[[ Input data open ]]

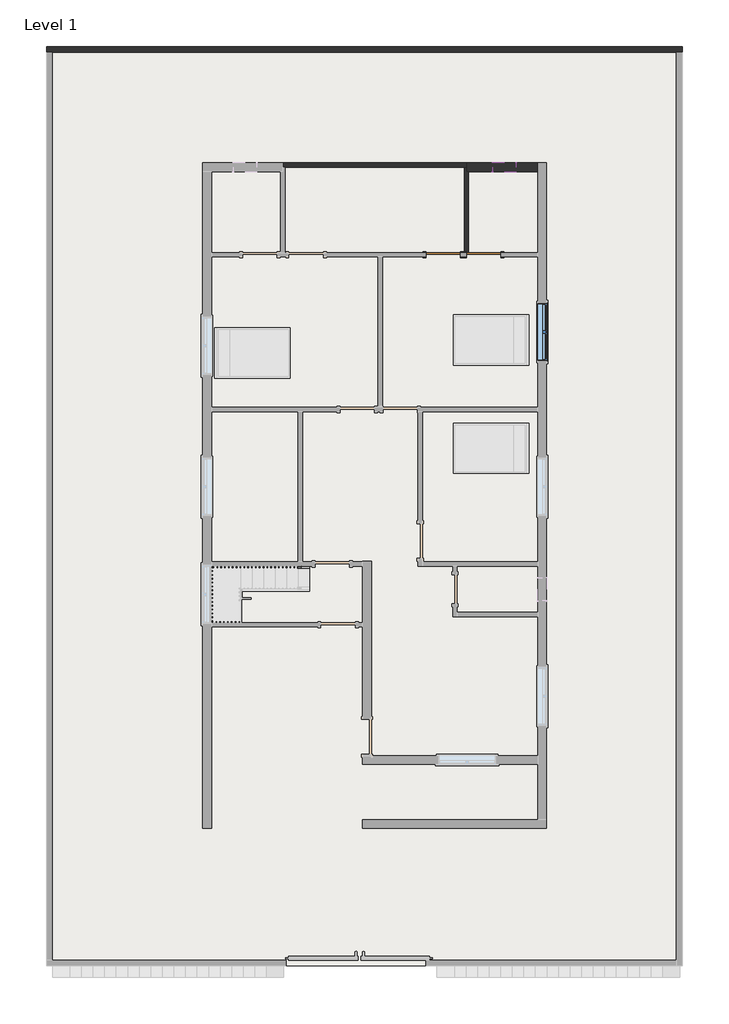
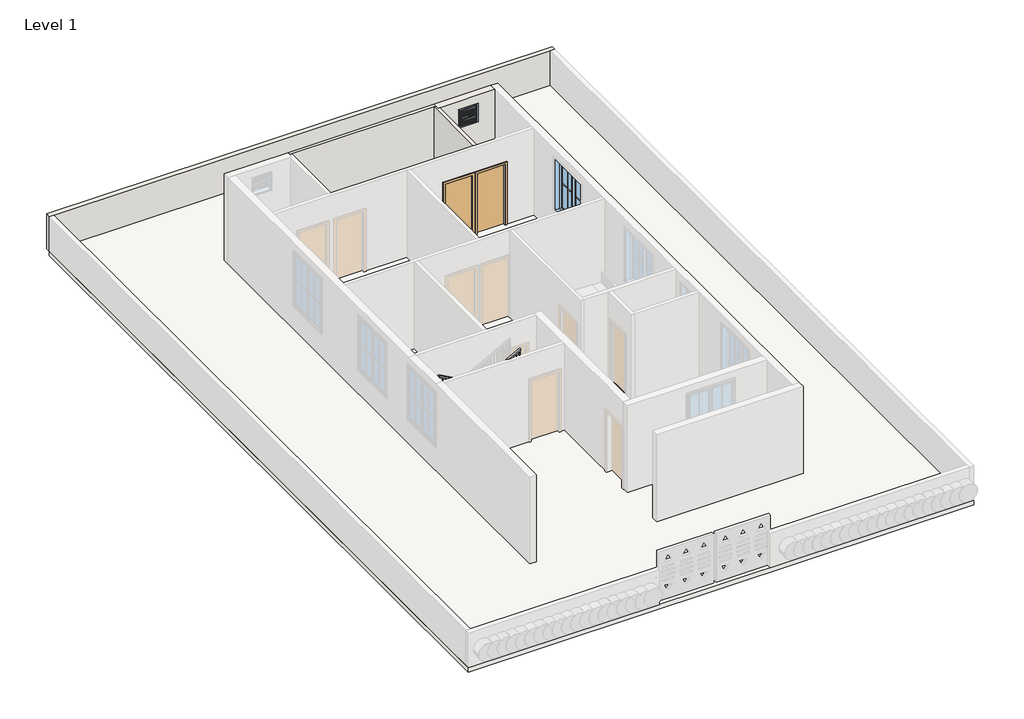
# One storey, part 2 of 3: 4 walls, 2 doors, 2 windows, 1 railing, 1 slab.
"""IFC4 building model written with IfcOpenShell, lengths in millimetres."""

from ifc_helpers import new_model, si_unit, frame, origin, origin_with_axes, place, context, project, spatial, polyline, outline, extrude, faceted_brep, transform, mapped, element, save
from components import single_flush_door_3_e5f9f3c4, single_flush_door_3_305aa2a5, window_casement_double_win_5_f93960c7, window_f2d8fef0

model = new_model("IFC4")

# Units and contexts
model_context = context("Model", 3, world=origin())
ifc_project = project(units=[si_unit("LENGTHUNIT", "METRE", prefix="MILLI")], contexts=[model_context])

# Site, building, storey
site = spatial("IfcSite", under=ifc_project)
building = spatial("IfcBuilding", under=site)
storey = spatial("IfcBuildingStorey", under=building, Name="Level 1", Elevation=0.0)

# Doors
placement = place(None, origin())
single_flush_door_3_shape = single_flush_door_3_e5f9f3c4(model_context)
element("IfcDoor", 1, ObjectType="Single-Flush : DOOR 3'", at=placement, inside=storey, context=model_context, shape_type="MappedRepresentation", body=[
    mapped(single_flush_door_3_shape, transform((555.4379845, 6040.5434309, 0.0), x_axis=(1.0, 0.0, 0.0), y_axis=(0.0, 1.0, 0.0), z_axis=(0.0, 0.0, 1.0))),
])
single_flush_door_3_2_shape = single_flush_door_3_305aa2a5(model_context)
element("IfcDoor", 2, ObjectType="Single-Flush : DOOR 3'", at=placement, inside=storey, context=model_context, shape_type="MappedRepresentation", body=[
    mapped(single_flush_door_3_2_shape, transform((1622.2379845, 6040.5434309, 0.0), x_axis=(-1.0, 0.0, 0.0), y_axis=(0.0, -1.0, 0.0), z_axis=(0.0, 0.0, 1.0))),
])

# Railing
element("IfcRailing", 3, ObjectType="Handrail - Rectangular", at=placement, inside=storey, context=model_context, shape_type="SolidModel", body=[
    faceted_brep([(-2968.8120155, -2220.8065691, 1083.7333333), (-2968.8120155, -2220.8065691, 1025.620221), (-2968.8120155, -2170.0065691, 1025.620221), (-2968.8120155, -2170.0065691, 1083.7333333), (-4797.6120155, -2220.8065691, 2099.7333333), (-4810.7756177, -2220.8065691, 2048.9333333), (-4810.7756177, -2170.0065691, 2048.9333333), (-4797.6120155, -2170.0065691, 2099.7333333), (-5508.8120155, -2220.8065691, 2099.7333333), (-5508.8120155, -2220.8065691, 2048.9333333), (-5559.6120155, -2170.0065691, 2048.9333333), (-5559.6120155, -2170.0065691, 2099.7333333), (-5508.8120155, -3624.1565691, 2099.7333333), (-5508.8120155, -3624.1565691, 2048.9333333), (-5559.6120155, -3674.9565691, 2048.9333333), (-5559.6120155, -3674.9565691, 2099.7333333), (-5102.4120155, -3624.1565691, 2099.7333333), (-5089.2484132, -3624.1565691, 2048.9333333), (-5089.2484132, -3674.9565691, 2048.9333333), (-5102.4120155, -3674.9565691, 2099.7333333), (-2968.8120155, -3624.1565691, 3285.0666667), (-2968.8120155, -3674.9565691, 3285.0666667), (-2968.8120155, -3674.9565691, 3226.9535543), (-2968.8120155, -3624.1565691, 3226.9535543)], [[[0, 1, 2, 3]], [[1, 0, 4, 5]], [[2, 1, 5, 6]], [[3, 2, 6, 7]], [[0, 3, 7, 4]], [[5, 4, 8, 9]], [[6, 5, 9, 10]], [[7, 6, 10, 11]], [[4, 7, 11, 8]], [[9, 8, 12, 13]], [[10, 9, 13, 14]], [[11, 10, 14, 15]], [[8, 11, 15, 12]], [[13, 12, 16, 17]], [[14, 13, 17, 18]], [[15, 14, 18, 19]], [[12, 15, 19, 16]], [[20, 21, 22, 23]], [[17, 16, 20, 23]], [[18, 17, 23, 22]], [[19, 18, 22, 21]], [[16, 19, 21, 20]]]),
    extrude(outline(polyline([(3218.1341099, -2984.6870155), (3207.5507765, -3003.7370155), (2201.3333333, -3003.7370155), (2201.3333333, -2984.6870155), (3218.1341099, -2984.6870155)])), frame((0.0, -3659.0815691, 0.0), z_axis=(0.0, 1.0, 0.0), x_axis=(0.0, 0.0, 1.0)), (0.0, 0.0, 1.0), 19.05),
    extrude(outline(polyline([(3161.6896654, -3086.2870155), (3151.1063321, -3105.3370155), (2201.3333333, -3105.3370155), (2201.3333333, -3086.2870155), (3161.6896654, -3086.2870155)])), frame((0.0, -3659.0815691, 0.0), z_axis=(0.0, 1.0, 0.0), x_axis=(0.0, 0.0, 1.0)), (0.0, 0.0, 1.0), 19.05),
    extrude(outline(polyline([(3105.245221, -3187.8870155), (3094.6618876, -3206.9370155), (2201.3333333, -3206.9370155), (2201.3333333, -3187.8870155), (3105.245221, -3187.8870155)])), frame((0.0, -3659.0815691, 0.0), z_axis=(0.0, 1.0, 0.0), x_axis=(0.0, 0.0, 1.0)), (0.0, 0.0, 1.0), 19.05),
    extrude(outline(polyline([(3048.8007765, -3289.4870155), (3038.2174432, -3308.5370155), (2032.0, -3308.5370155), (2032.0, -3289.4870155), (3048.8007765, -3289.4870155)])), frame((0.0, -3659.0815691, 0.0), z_axis=(0.0, 1.0, 0.0), x_axis=(0.0, 0.0, 1.0)), (0.0, 0.0, 1.0), 19.05),
    extrude(outline(polyline([(2992.3563321, -3391.0870155), (2981.7729988, -3410.1370155), (2032.0, -3410.1370155), (2032.0, -3391.0870155), (2992.3563321, -3391.0870155)])), frame((0.0, -3659.0815691, 0.0), z_axis=(0.0, 1.0, 0.0), x_axis=(0.0, 0.0, 1.0)), (0.0, 0.0, 1.0), 19.05),
    extrude(outline(polyline([(2935.9118876, -3492.6870155), (2925.3285543, -3511.7370155), (2032.0, -3511.7370155), (2032.0, -3492.6870155), (2935.9118876, -3492.6870155)])), frame((0.0, -3659.0815691, 0.0), z_axis=(0.0, 1.0, 0.0), x_axis=(0.0, 0.0, 1.0)), (0.0, 0.0, 1.0), 19.05),
    extrude(outline(polyline([(2879.4674432, -3594.2870155), (2868.8841099, -3613.3370155), (1862.6666667, -3613.3370155), (1862.6666667, -3594.2870155), (2879.4674432, -3594.2870155)])), frame((0.0, -3659.0815691, 0.0), z_axis=(0.0, 1.0, 0.0), x_axis=(0.0, 0.0, 1.0)), (0.0, 0.0, 1.0), 19.05),
    extrude(outline(polyline([(2823.0229988, -3695.8870155), (2812.4396654, -3714.9370155), (1862.6666667, -3714.9370155), (1862.6666667, -3695.8870155), (2823.0229988, -3695.8870155)])), frame((0.0, -3659.0815691, 0.0), z_axis=(0.0, 1.0, 0.0), x_axis=(0.0, 0.0, 1.0)), (0.0, 0.0, 1.0), 19.05),
    extrude(outline(polyline([(2766.5785543, -3797.4870155), (2755.995221, -3816.5370155), (1862.6666667, -3816.5370155), (1862.6666667, -3797.4870155), (2766.5785543, -3797.4870155)])), frame((0.0, -3659.0815691, 0.0), z_axis=(0.0, 1.0, 0.0), x_axis=(0.0, 0.0, 1.0)), (0.0, 0.0, 1.0), 19.05),
    extrude(outline(polyline([(2710.1341099, -3899.0870155), (2699.5507765, -3918.1370155), (1693.3333333, -3918.1370155), (1693.3333333, -3899.0870155), (2710.1341099, -3899.0870155)])), frame((0.0, -3659.0815691, 0.0), z_axis=(0.0, 1.0, 0.0), x_axis=(0.0, 0.0, 1.0)), (0.0, 0.0, 1.0), 19.05),
    extrude(outline(polyline([(2653.6896654, -4000.6870155), (2643.1063321, -4019.7370155), (1693.3333333, -4019.7370155), (1693.3333333, -4000.6870155), (2653.6896654, -4000.6870155)])), frame((0.0, -3659.0815691, 0.0), z_axis=(0.0, 1.0, 0.0), x_axis=(0.0, 0.0, 1.0)), (0.0, 0.0, 1.0), 19.05),
    extrude(outline(polyline([(2597.245221, -4102.2870155), (2586.6618876, -4121.3370155), (1693.3333333, -4121.3370155), (1693.3333333, -4102.2870155), (2597.245221, -4102.2870155)])), frame((0.0, -3659.0815691, 0.0), z_axis=(0.0, 1.0, 0.0), x_axis=(0.0, 0.0, 1.0)), (0.0, 0.0, 1.0), 19.05),
    extrude(outline(polyline([(2540.8007765, -4203.8870155), (2530.2174432, -4222.9370155), (1524.0, -4222.9370155), (1524.0, -4203.8870155), (2540.8007765, -4203.8870155)])), frame((0.0, -3659.0815691, 0.0), z_axis=(0.0, 1.0, 0.0), x_axis=(0.0, 0.0, 1.0)), (0.0, 0.0, 1.0), 19.05),
    extrude(outline(polyline([(2484.3563321, -4305.4870155), (2473.7729988, -4324.5370155), (1524.0, -4324.5370155), (1524.0, -4305.4870155), (2484.3563321, -4305.4870155)])), frame((0.0, -3659.0815691, 0.0), z_axis=(0.0, 1.0, 0.0), x_axis=(0.0, 0.0, 1.0)), (0.0, 0.0, 1.0), 19.05),
    extrude(outline(polyline([(2427.9118876, -4407.0870155), (2417.3285543, -4426.1370155), (1524.0, -4426.1370155), (1524.0, -4407.0870155), (2427.9118876, -4407.0870155)])), frame((0.0, -3659.0815691, 0.0), z_axis=(0.0, 1.0, 0.0), x_axis=(0.0, 0.0, 1.0)), (0.0, 0.0, 1.0), 19.05),
    extrude(outline(polyline([(2371.4674432, -4508.6870155), (2360.8841099, -4527.7370155), (1354.6666667, -4527.7370155), (1354.6666667, -4508.6870155), (2371.4674432, -4508.6870155)])), frame((0.0, -3659.0815691, 0.0), z_axis=(0.0, 1.0, 0.0), x_axis=(0.0, 0.0, 1.0)), (0.0, 0.0, 1.0), 19.05),
    extrude(outline(polyline([(2315.0229988, -4610.2870155), (2304.4396654, -4629.3370155), (1354.6666667, -4629.3370155), (1354.6666667, -4610.2870155), (2315.0229988, -4610.2870155)])), frame((0.0, -3659.0815691, 0.0), z_axis=(0.0, 1.0, 0.0), x_axis=(0.0, 0.0, 1.0)), (0.0, 0.0, 1.0), 19.05),
    extrude(outline(polyline([(2258.5785543, -4711.8870155), (2247.995221, -4730.9370155), (1354.6666667, -4730.9370155), (1354.6666667, -4711.8870155), (2258.5785543, -4711.8870155)])), frame((0.0, -3659.0815691, 0.0), z_axis=(0.0, 1.0, 0.0), x_axis=(0.0, 0.0, 1.0)), (0.0, 0.0, 1.0), 19.05),
    extrude(outline(polyline([(2202.1341099, -4813.4870155), (2191.5507765, -4832.5370155), (1185.3333333, -4832.5370155), (1185.3333333, -4813.4870155), (2202.1341099, -4813.4870155)])), frame((0.0, -3659.0815691, 0.0), z_axis=(0.0, 1.0, 0.0), x_axis=(0.0, 0.0, 1.0)), (0.0, 0.0, 1.0), 19.05),
    extrude(outline(polyline([(2145.6896654, -4915.0870155), (2135.1063321, -4934.1370155), (1185.3333333, -4934.1370155), (1185.3333333, -4915.0870155), (2145.6896654, -4915.0870155)])), frame((0.0, -3659.0815691, 0.0), z_axis=(0.0, 1.0, 0.0), x_axis=(0.0, 0.0, 1.0)), (0.0, 0.0, 1.0), 19.05),
    extrude(outline(polyline([(2089.245221, -5016.6870155), (2078.6618876, -5035.7370155), (1185.3333333, -5035.7370155), (1185.3333333, -5016.6870155), (2089.245221, -5016.6870155)])), frame((0.0, -3659.0815691, 0.0), z_axis=(0.0, 1.0, 0.0), x_axis=(0.0, 0.0, 1.0)), (0.0, 0.0, 1.0), 19.05),
    extrude(outline(polyline([(-5137.3370155, -3659.0815691), (-5137.3370155, -3640.0315691), (-5118.2870155, -3640.0315691), (-5118.2870155, -3659.0815691), (-5137.3370155, -3659.0815691)])), frame((0.0, 0.0, 1185.3333333), z_axis=(0.0, 0.0, 1.0), x_axis=(1.0, 0.0, 0.0)), (0.0, 0.0, 1.0), 863.6),
    extrude(outline(polyline([(-5238.9370155, -3659.0815691), (-5238.9370155, -3640.0315691), (-5219.8870155, -3640.0315691), (-5219.8870155, -3659.0815691), (-5238.9370155, -3659.0815691)])), frame((0.0, 0.0, 1185.3333333), z_axis=(0.0, 0.0, 1.0), x_axis=(1.0, 0.0, 0.0)), (0.0, 0.0, 1.0), 863.6),
    extrude(outline(polyline([(-5340.5370155, -3659.0815691), (-5340.5370155, -3640.0315691), (-5321.4870155, -3640.0315691), (-5321.4870155, -3659.0815691), (-5340.5370155, -3659.0815691)])), frame((0.0, 0.0, 1185.3333333), z_axis=(0.0, 0.0, 1.0), x_axis=(1.0, 0.0, 0.0)), (0.0, 0.0, 1.0), 863.6),
    extrude(outline(polyline([(-5442.1370155, -3659.0815691), (-5442.1370155, -3640.0315691), (-5423.0870155, -3640.0315691), (-5423.0870155, -3659.0815691), (-5442.1370155, -3659.0815691)])), frame((0.0, 0.0, 1185.3333333), z_axis=(0.0, 0.0, 1.0), x_axis=(1.0, 0.0, 0.0)), (0.0, 0.0, 1.0), 863.6),
    extrude(outline(polyline([(-5543.7370155, -3608.2815691), (-5524.6870155, -3608.2815691), (-5524.6870155, -3627.3315691), (-5543.7370155, -3627.3315691), (-5543.7370155, -3608.2815691)])), frame((0.0, 0.0, 1185.3333333), z_axis=(0.0, 0.0, 1.0), x_axis=(1.0, 0.0, 0.0)), (0.0, 0.0, 1.0), 863.6),
    extrude(outline(polyline([(-5543.7370155, -3506.6815691), (-5524.6870155, -3506.6815691), (-5524.6870155, -3525.7315691), (-5543.7370155, -3525.7315691), (-5543.7370155, -3506.6815691)])), frame((0.0, 0.0, 1185.3333333), z_axis=(0.0, 0.0, 1.0), x_axis=(1.0, 0.0, 0.0)), (0.0, 0.0, 1.0), 863.6),
    extrude(outline(polyline([(-5543.7370155, -3405.0815691), (-5524.6870155, -3405.0815691), (-5524.6870155, -3424.1315691), (-5543.7370155, -3424.1315691), (-5543.7370155, -3405.0815691)])), frame((0.0, 0.0, 1185.3333333), z_axis=(0.0, 0.0, 1.0), x_axis=(1.0, 0.0, 0.0)), (0.0, 0.0, 1.0), 863.6),
    extrude(outline(polyline([(-5543.7370155, -3303.4815691), (-5524.6870155, -3303.4815691), (-5524.6870155, -3322.5315691), (-5543.7370155, -3322.5315691), (-5543.7370155, -3303.4815691)])), frame((0.0, 0.0, 1185.3333333), z_axis=(0.0, 0.0, 1.0), x_axis=(1.0, 0.0, 0.0)), (0.0, 0.0, 1.0), 863.6),
    extrude(outline(polyline([(-5543.7370155, -3201.8815691), (-5524.6870155, -3201.8815691), (-5524.6870155, -3220.9315691), (-5543.7370155, -3220.9315691), (-5543.7370155, -3201.8815691)])), frame((0.0, 0.0, 1185.3333333), z_axis=(0.0, 0.0, 1.0), x_axis=(1.0, 0.0, 0.0)), (0.0, 0.0, 1.0), 863.6),
    extrude(outline(polyline([(-5543.7370155, -3100.2815691), (-5524.6870155, -3100.2815691), (-5524.6870155, -3119.3315691), (-5543.7370155, -3119.3315691), (-5543.7370155, -3100.2815691)])), frame((0.0, 0.0, 1185.3333333), z_axis=(0.0, 0.0, 1.0), x_axis=(1.0, 0.0, 0.0)), (0.0, 0.0, 1.0), 863.6),
    extrude(outline(polyline([(-5543.7370155, -2998.6815691), (-5524.6870155, -2998.6815691), (-5524.6870155, -3017.7315691), (-5543.7370155, -3017.7315691), (-5543.7370155, -2998.6815691)])), frame((0.0, 0.0, 1185.3333333), z_axis=(0.0, 0.0, 1.0), x_axis=(1.0, 0.0, 0.0)), (0.0, 0.0, 1.0), 863.6),
    extrude(outline(polyline([(-5543.7370155, -2897.0815691), (-5524.6870155, -2897.0815691), (-5524.6870155, -2916.1315691), (-5543.7370155, -2916.1315691), (-5543.7370155, -2897.0815691)])), frame((0.0, 0.0, 1185.3333333), z_axis=(0.0, 0.0, 1.0), x_axis=(1.0, 0.0, 0.0)), (0.0, 0.0, 1.0), 863.6),
    extrude(outline(polyline([(-5543.7370155, -2795.4815691), (-5524.6870155, -2795.4815691), (-5524.6870155, -2814.5315691), (-5543.7370155, -2814.5315691), (-5543.7370155, -2795.4815691)])), frame((0.0, 0.0, 1185.3333333), z_axis=(0.0, 0.0, 1.0), x_axis=(1.0, 0.0, 0.0)), (0.0, 0.0, 1.0), 863.6),
    extrude(outline(polyline([(-5543.7370155, -2693.8815691), (-5524.6870155, -2693.8815691), (-5524.6870155, -2712.9315691), (-5543.7370155, -2712.9315691), (-5543.7370155, -2693.8815691)])), frame((0.0, 0.0, 1185.3333333), z_axis=(0.0, 0.0, 1.0), x_axis=(1.0, 0.0, 0.0)), (0.0, 0.0, 1.0), 863.6),
    extrude(outline(polyline([(-5543.7370155, -2592.2815691), (-5524.6870155, -2592.2815691), (-5524.6870155, -2611.3315691), (-5543.7370155, -2611.3315691), (-5543.7370155, -2592.2815691)])), frame((0.0, 0.0, 1185.3333333), z_axis=(0.0, 0.0, 1.0), x_axis=(1.0, 0.0, 0.0)), (0.0, 0.0, 1.0), 863.6),
    extrude(outline(polyline([(-5543.7370155, -2490.6815691), (-5524.6870155, -2490.6815691), (-5524.6870155, -2509.7315691), (-5543.7370155, -2509.7315691), (-5543.7370155, -2490.6815691)])), frame((0.0, 0.0, 1185.3333333), z_axis=(0.0, 0.0, 1.0), x_axis=(1.0, 0.0, 0.0)), (0.0, 0.0, 1.0), 863.6),
    extrude(outline(polyline([(-5543.7370155, -2389.0815691), (-5524.6870155, -2389.0815691), (-5524.6870155, -2408.1315691), (-5543.7370155, -2408.1315691), (-5543.7370155, -2389.0815691)])), frame((0.0, 0.0, 1185.3333333), z_axis=(0.0, 0.0, 1.0), x_axis=(1.0, 0.0, 0.0)), (0.0, 0.0, 1.0), 863.6),
    extrude(outline(polyline([(-5543.7370155, -2287.4815691), (-5524.6870155, -2287.4815691), (-5524.6870155, -2306.5315691), (-5543.7370155, -2306.5315691), (-5543.7370155, -2287.4815691)])), frame((0.0, 0.0, 1185.3333333), z_axis=(0.0, 0.0, 1.0), x_axis=(1.0, 0.0, 0.0)), (0.0, 0.0, 1.0), 863.6),
    extrude(outline(polyline([(-5499.2870155, -2185.8815691), (-5499.2870155, -2204.9315691), (-5518.3370155, -2204.9315691), (-5518.3370155, -2185.8815691), (-5499.2870155, -2185.8815691)])), frame((0.0, 0.0, 1185.3333333), z_axis=(0.0, 0.0, 1.0), x_axis=(1.0, 0.0, 0.0)), (0.0, 0.0, 1.0), 863.6),
    extrude(outline(polyline([(-5397.6870155, -2185.8815691), (-5397.6870155, -2204.9315691), (-5416.7370155, -2204.9315691), (-5416.7370155, -2185.8815691), (-5397.6870155, -2185.8815691)])), frame((0.0, 0.0, 1185.3333333), z_axis=(0.0, 0.0, 1.0), x_axis=(1.0, 0.0, 0.0)), (0.0, 0.0, 1.0), 863.6),
    extrude(outline(polyline([(-5296.0870155, -2185.8815691), (-5296.0870155, -2204.9315691), (-5315.1370155, -2204.9315691), (-5315.1370155, -2185.8815691), (-5296.0870155, -2185.8815691)])), frame((0.0, 0.0, 1185.3333333), z_axis=(0.0, 0.0, 1.0), x_axis=(1.0, 0.0, 0.0)), (0.0, 0.0, 1.0), 863.6),
    extrude(outline(polyline([(-5194.4870155, -2185.8815691), (-5194.4870155, -2204.9315691), (-5213.5370155, -2204.9315691), (-5213.5370155, -2185.8815691), (-5194.4870155, -2185.8815691)])), frame((0.0, 0.0, 1185.3333333), z_axis=(0.0, 0.0, 1.0), x_axis=(1.0, 0.0, 0.0)), (0.0, 0.0, 1.0), 863.6),
    extrude(outline(polyline([(-5092.8870155, -2185.8815691), (-5092.8870155, -2204.9315691), (-5111.9370155, -2204.9315691), (-5111.9370155, -2185.8815691), (-5092.8870155, -2185.8815691)])), frame((0.0, 0.0, 1185.3333333), z_axis=(0.0, 0.0, 1.0), x_axis=(1.0, 0.0, 0.0)), (0.0, 0.0, 1.0), 863.6),
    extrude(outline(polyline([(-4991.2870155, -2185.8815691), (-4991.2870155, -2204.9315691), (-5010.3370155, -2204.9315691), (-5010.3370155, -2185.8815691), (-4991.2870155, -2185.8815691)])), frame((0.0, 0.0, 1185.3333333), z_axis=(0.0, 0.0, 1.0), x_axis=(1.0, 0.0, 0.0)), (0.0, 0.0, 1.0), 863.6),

[[ Input data closed ]]

### Required action
The expected answer is every line in the data above that carries the string "under".

### Exercise response
site = spatial("IfcSite", under=ifc_project)
building = spatial("IfcBuilding", under=site)
storey = spatial("IfcBuildingStorey", under=building, Name="Level 1", Elevation=0.0)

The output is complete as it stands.